> Instructions to follow
Set down, exactly as written, the lines from the top of the data to the line that holds "extrude, element, fill, save", and omit the pictures.

Start of Block

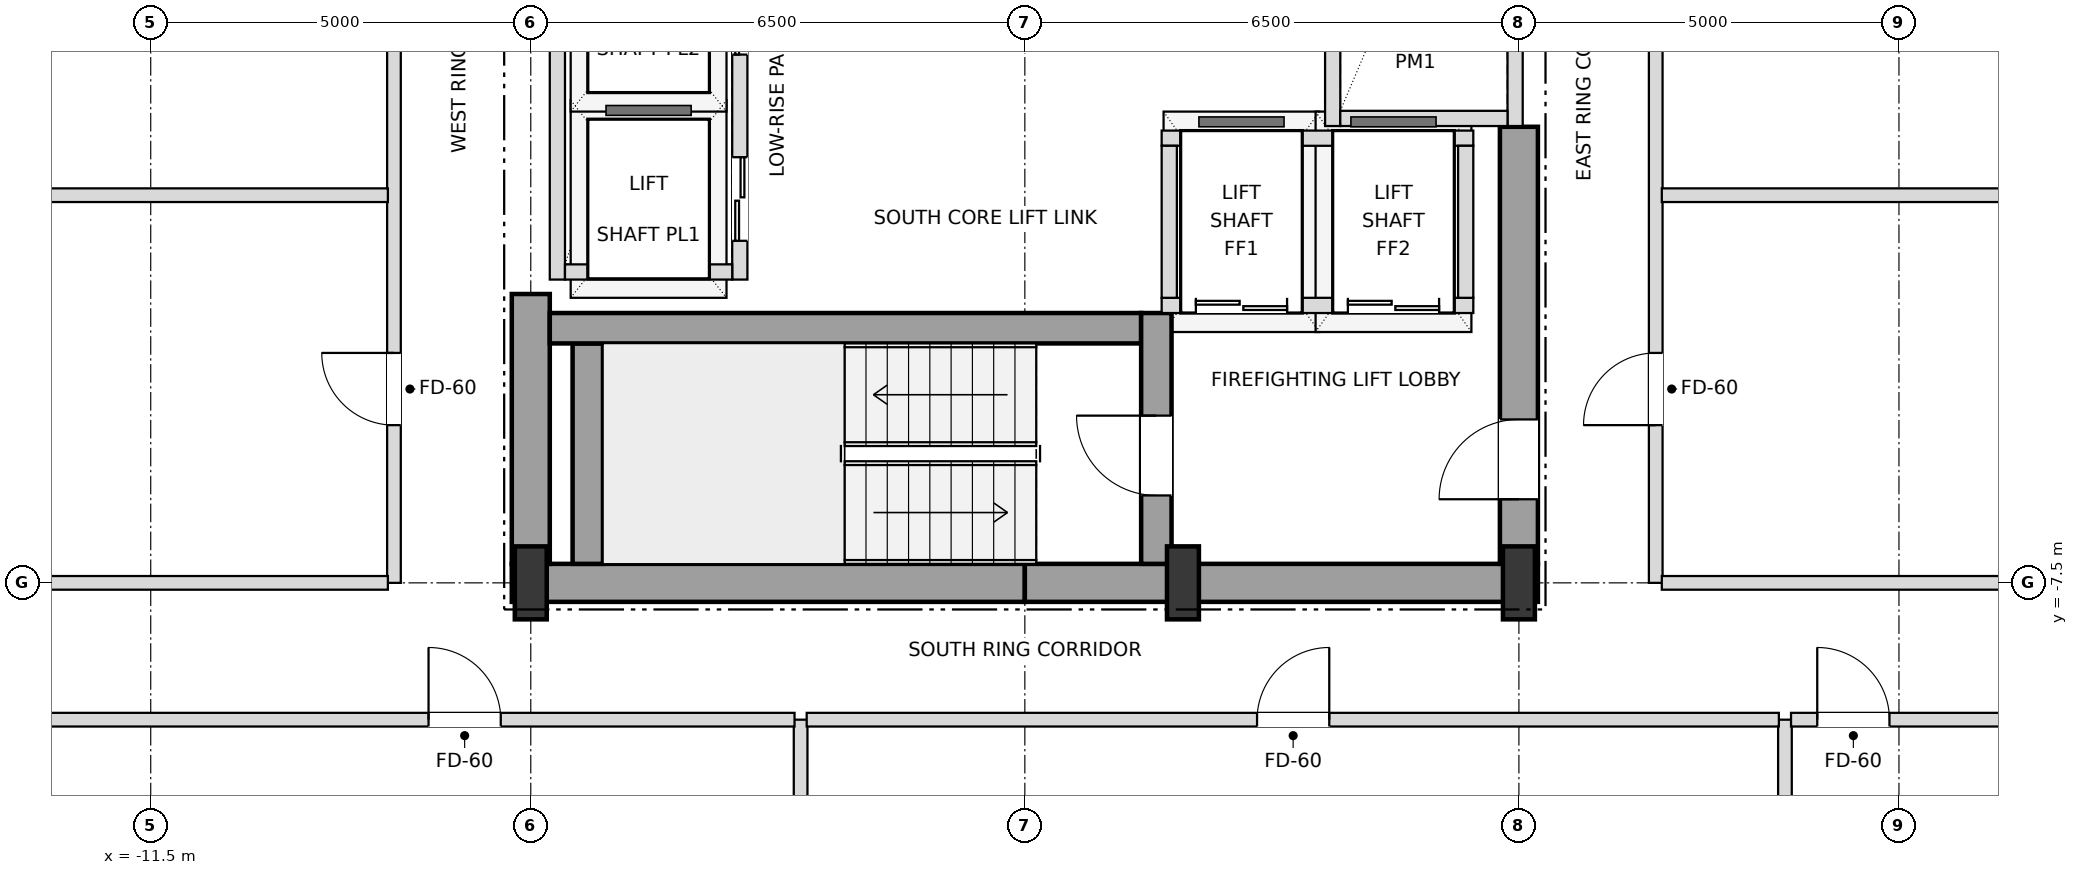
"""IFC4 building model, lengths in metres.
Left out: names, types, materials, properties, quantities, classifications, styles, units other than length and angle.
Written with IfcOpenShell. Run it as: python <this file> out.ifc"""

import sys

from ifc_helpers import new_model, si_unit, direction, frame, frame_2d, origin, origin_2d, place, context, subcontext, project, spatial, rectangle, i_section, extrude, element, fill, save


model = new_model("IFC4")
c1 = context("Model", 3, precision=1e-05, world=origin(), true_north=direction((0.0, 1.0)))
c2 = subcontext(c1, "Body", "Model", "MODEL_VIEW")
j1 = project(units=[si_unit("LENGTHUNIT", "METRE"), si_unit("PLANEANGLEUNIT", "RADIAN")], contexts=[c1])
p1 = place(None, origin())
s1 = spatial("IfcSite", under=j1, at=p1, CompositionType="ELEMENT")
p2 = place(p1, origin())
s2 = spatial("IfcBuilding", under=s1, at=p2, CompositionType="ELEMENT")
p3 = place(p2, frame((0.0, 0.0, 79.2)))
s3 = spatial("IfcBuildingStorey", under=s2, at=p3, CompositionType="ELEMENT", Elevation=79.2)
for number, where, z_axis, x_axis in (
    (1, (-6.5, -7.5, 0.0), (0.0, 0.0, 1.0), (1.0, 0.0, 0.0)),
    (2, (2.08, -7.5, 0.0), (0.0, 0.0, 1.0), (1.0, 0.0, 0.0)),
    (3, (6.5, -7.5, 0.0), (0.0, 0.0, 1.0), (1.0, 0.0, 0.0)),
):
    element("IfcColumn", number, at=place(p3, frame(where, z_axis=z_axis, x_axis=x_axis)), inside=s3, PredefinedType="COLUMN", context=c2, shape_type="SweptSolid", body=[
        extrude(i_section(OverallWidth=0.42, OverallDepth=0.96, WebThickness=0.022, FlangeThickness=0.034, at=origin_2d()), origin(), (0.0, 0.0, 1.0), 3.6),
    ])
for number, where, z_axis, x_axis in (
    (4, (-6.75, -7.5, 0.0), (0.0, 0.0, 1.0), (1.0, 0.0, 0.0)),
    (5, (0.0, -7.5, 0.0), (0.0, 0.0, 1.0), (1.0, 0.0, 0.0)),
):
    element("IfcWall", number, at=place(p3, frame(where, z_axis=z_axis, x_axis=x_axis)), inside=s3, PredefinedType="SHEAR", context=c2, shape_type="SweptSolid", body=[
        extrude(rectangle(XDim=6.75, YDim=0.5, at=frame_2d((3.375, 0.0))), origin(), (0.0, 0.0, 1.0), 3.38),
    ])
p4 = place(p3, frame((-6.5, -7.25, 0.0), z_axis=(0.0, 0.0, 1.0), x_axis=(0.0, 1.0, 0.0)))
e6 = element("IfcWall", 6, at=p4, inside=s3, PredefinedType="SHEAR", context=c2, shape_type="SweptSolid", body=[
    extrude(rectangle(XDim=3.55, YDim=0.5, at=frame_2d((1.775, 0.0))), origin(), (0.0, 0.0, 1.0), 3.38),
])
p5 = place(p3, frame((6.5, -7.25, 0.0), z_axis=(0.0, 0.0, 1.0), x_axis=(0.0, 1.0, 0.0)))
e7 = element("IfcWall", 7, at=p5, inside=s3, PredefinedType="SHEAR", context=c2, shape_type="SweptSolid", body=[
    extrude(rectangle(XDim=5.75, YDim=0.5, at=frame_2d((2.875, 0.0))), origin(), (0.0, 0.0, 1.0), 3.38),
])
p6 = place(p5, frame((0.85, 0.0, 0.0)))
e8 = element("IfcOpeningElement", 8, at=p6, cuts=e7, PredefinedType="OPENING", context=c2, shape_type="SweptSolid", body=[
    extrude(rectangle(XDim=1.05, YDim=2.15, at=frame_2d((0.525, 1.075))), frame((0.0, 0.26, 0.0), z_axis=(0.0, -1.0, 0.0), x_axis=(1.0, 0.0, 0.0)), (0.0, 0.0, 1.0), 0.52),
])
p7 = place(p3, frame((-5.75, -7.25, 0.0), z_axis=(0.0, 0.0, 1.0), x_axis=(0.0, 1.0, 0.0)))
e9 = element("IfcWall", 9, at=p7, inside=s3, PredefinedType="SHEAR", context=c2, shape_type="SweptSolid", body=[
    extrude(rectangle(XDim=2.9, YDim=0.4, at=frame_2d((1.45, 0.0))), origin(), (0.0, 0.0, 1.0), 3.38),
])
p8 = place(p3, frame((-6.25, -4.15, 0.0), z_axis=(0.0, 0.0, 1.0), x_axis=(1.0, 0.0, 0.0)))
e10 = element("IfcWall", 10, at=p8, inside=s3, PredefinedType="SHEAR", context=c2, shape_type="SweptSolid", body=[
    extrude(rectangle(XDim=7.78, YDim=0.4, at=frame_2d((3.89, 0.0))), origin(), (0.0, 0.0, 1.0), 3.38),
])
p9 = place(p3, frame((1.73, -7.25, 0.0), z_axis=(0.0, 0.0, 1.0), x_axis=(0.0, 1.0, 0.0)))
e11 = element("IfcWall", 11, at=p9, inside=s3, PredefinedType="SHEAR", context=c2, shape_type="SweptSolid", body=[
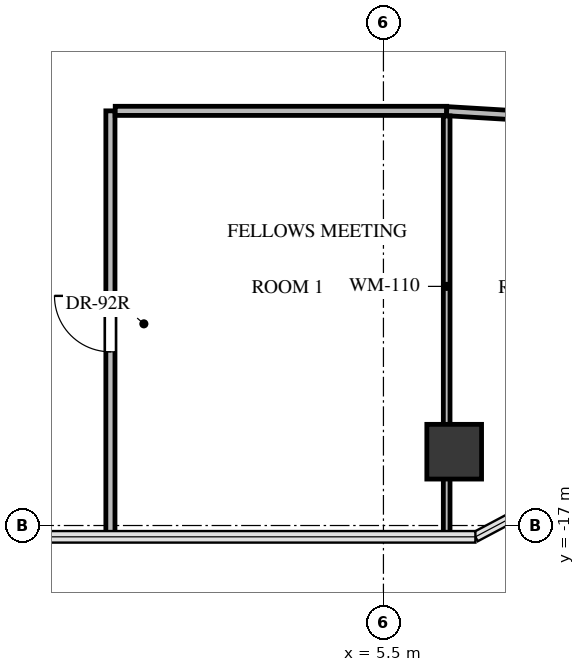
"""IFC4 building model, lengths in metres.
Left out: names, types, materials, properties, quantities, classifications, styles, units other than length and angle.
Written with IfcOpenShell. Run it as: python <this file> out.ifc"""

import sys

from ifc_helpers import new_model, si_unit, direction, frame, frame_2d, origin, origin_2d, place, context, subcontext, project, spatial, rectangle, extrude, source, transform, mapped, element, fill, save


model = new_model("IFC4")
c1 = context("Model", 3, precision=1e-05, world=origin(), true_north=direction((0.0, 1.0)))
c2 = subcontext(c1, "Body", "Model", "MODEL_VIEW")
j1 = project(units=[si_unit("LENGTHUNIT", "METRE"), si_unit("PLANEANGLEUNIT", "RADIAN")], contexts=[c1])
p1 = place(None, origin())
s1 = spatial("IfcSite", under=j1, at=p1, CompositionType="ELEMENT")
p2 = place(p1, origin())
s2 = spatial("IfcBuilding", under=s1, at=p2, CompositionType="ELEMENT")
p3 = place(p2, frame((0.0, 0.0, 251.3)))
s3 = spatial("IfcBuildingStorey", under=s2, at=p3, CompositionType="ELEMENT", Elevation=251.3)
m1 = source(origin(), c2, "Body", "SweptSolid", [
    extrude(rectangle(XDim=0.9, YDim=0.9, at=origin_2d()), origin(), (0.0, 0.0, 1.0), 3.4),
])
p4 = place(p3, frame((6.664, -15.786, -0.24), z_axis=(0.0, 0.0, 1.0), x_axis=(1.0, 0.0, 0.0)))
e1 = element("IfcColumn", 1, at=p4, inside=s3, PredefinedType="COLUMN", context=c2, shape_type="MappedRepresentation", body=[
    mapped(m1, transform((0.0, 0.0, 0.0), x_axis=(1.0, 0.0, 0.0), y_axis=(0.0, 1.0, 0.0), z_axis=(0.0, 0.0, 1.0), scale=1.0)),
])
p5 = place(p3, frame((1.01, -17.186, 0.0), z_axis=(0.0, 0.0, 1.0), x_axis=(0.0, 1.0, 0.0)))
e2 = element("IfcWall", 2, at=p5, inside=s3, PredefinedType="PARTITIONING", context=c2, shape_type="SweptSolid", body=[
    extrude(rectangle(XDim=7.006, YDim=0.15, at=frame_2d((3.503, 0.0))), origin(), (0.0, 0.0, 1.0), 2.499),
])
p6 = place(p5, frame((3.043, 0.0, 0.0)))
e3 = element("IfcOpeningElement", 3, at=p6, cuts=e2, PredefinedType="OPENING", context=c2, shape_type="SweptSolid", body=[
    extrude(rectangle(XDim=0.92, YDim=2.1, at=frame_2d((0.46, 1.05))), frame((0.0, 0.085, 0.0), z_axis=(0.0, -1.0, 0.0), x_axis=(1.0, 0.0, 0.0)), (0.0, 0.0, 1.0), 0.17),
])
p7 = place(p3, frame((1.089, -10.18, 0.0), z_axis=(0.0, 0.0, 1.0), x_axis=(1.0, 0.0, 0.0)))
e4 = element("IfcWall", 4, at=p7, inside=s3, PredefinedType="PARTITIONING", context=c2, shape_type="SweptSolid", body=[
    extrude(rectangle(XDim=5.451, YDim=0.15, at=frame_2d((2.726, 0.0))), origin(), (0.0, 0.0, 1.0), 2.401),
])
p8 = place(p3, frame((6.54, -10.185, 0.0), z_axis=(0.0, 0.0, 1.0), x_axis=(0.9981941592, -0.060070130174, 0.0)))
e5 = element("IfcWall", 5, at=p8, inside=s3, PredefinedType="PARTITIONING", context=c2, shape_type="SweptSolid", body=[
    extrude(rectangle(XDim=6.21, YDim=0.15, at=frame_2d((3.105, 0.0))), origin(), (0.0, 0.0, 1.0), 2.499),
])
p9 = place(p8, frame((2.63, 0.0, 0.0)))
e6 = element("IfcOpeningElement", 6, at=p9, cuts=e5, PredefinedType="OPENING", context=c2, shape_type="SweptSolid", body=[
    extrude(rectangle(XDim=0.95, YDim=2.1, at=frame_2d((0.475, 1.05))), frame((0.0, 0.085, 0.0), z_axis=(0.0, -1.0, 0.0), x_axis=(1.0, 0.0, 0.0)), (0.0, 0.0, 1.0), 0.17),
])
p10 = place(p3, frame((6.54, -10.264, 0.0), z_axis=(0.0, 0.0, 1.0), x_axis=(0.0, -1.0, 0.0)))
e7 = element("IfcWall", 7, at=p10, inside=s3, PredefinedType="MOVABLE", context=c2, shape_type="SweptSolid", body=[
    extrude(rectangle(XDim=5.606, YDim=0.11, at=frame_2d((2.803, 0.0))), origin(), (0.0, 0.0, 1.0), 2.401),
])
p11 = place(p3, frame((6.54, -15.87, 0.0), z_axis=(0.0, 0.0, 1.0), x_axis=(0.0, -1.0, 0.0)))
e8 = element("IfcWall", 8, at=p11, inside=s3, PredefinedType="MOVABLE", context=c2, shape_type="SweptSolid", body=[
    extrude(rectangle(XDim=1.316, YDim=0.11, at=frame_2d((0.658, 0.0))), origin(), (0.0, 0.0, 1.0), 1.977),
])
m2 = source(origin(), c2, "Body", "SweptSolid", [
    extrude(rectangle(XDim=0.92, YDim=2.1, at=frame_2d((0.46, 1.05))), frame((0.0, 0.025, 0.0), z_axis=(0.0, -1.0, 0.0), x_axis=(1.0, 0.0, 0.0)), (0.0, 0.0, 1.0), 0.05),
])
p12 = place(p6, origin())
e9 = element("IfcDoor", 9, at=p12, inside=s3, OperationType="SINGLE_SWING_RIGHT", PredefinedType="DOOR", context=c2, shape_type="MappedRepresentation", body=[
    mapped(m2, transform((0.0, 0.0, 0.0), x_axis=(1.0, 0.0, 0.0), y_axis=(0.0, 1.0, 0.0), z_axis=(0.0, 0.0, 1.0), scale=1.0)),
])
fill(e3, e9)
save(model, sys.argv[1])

End of Block

> Exercise solution
"""IFC4 building model, lengths in metres.
Left out: names, types, materials, properties, quantities, classifications, styles, units other than length and angle.
Written with IfcOpenShell. Run it as: python <this file> out.ifc"""

import sys

from ifc_helpers import new_model, si_unit, direction, frame, frame_2d, origin, origin_2d, place, context, subcontext, project, spatial, rectangle, i_section, extrude, element, fill, save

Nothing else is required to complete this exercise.